- [Your assignment] Below are some records. How many of their lines contain the string "Circle"? Answer with the number alone.

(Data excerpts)
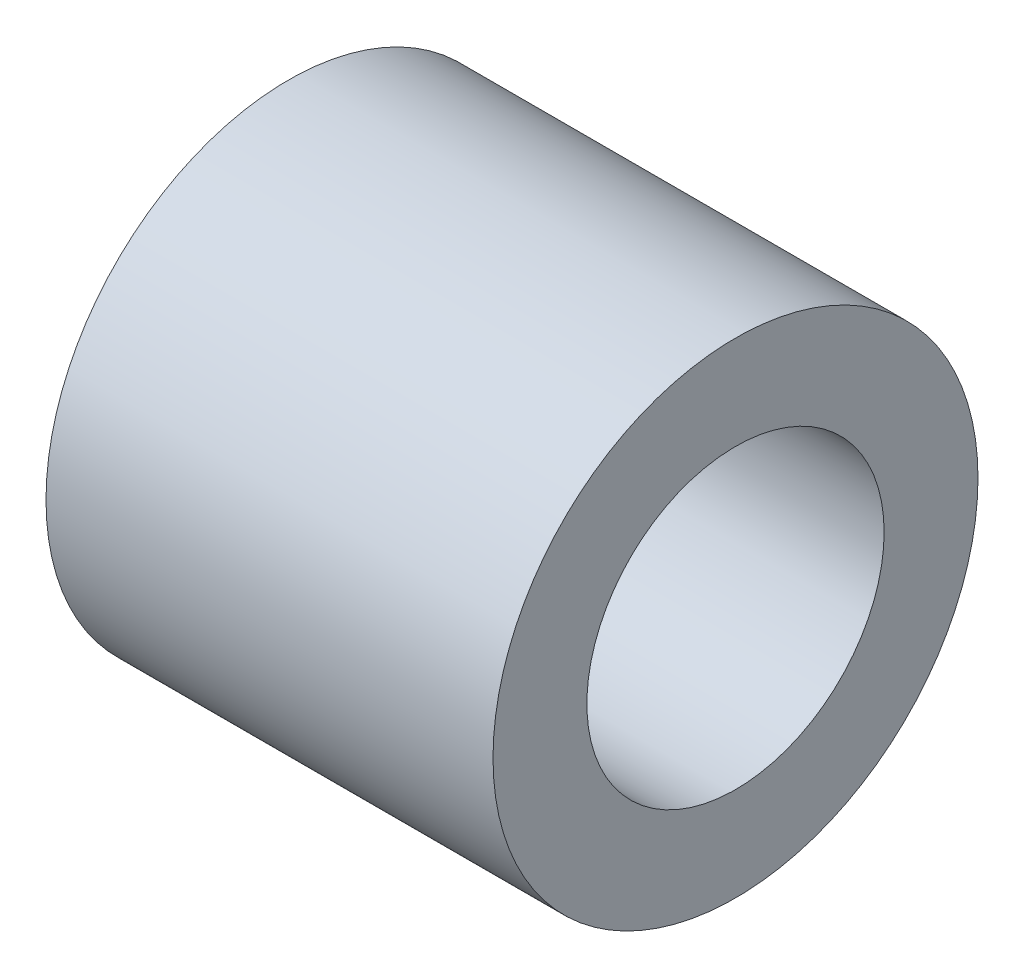
from build123d import *

# Parameters (mm, degrees)
SKETCH1_R           = 10.85
SKETCH1_R_2         = 6.65
BOSS_EXTRUDE1_DEPTH = 20


with BuildPart() as part:
    # Sketch1 → Boss-Extrude1 (new body)
    with BuildSketch(Plane(origin=(0, 0, 0), x_dir=(0, 0, -1), z_dir=(1, 0, 0))):
        Circle(SKETCH1_R)
        Circle(SKETCH1_R_2, mode=Mode.SUBTRACT)
    extrude(amount=BOSS_EXTRUDE1_DEPTH)


solid = part.part

- [Exercise result] 2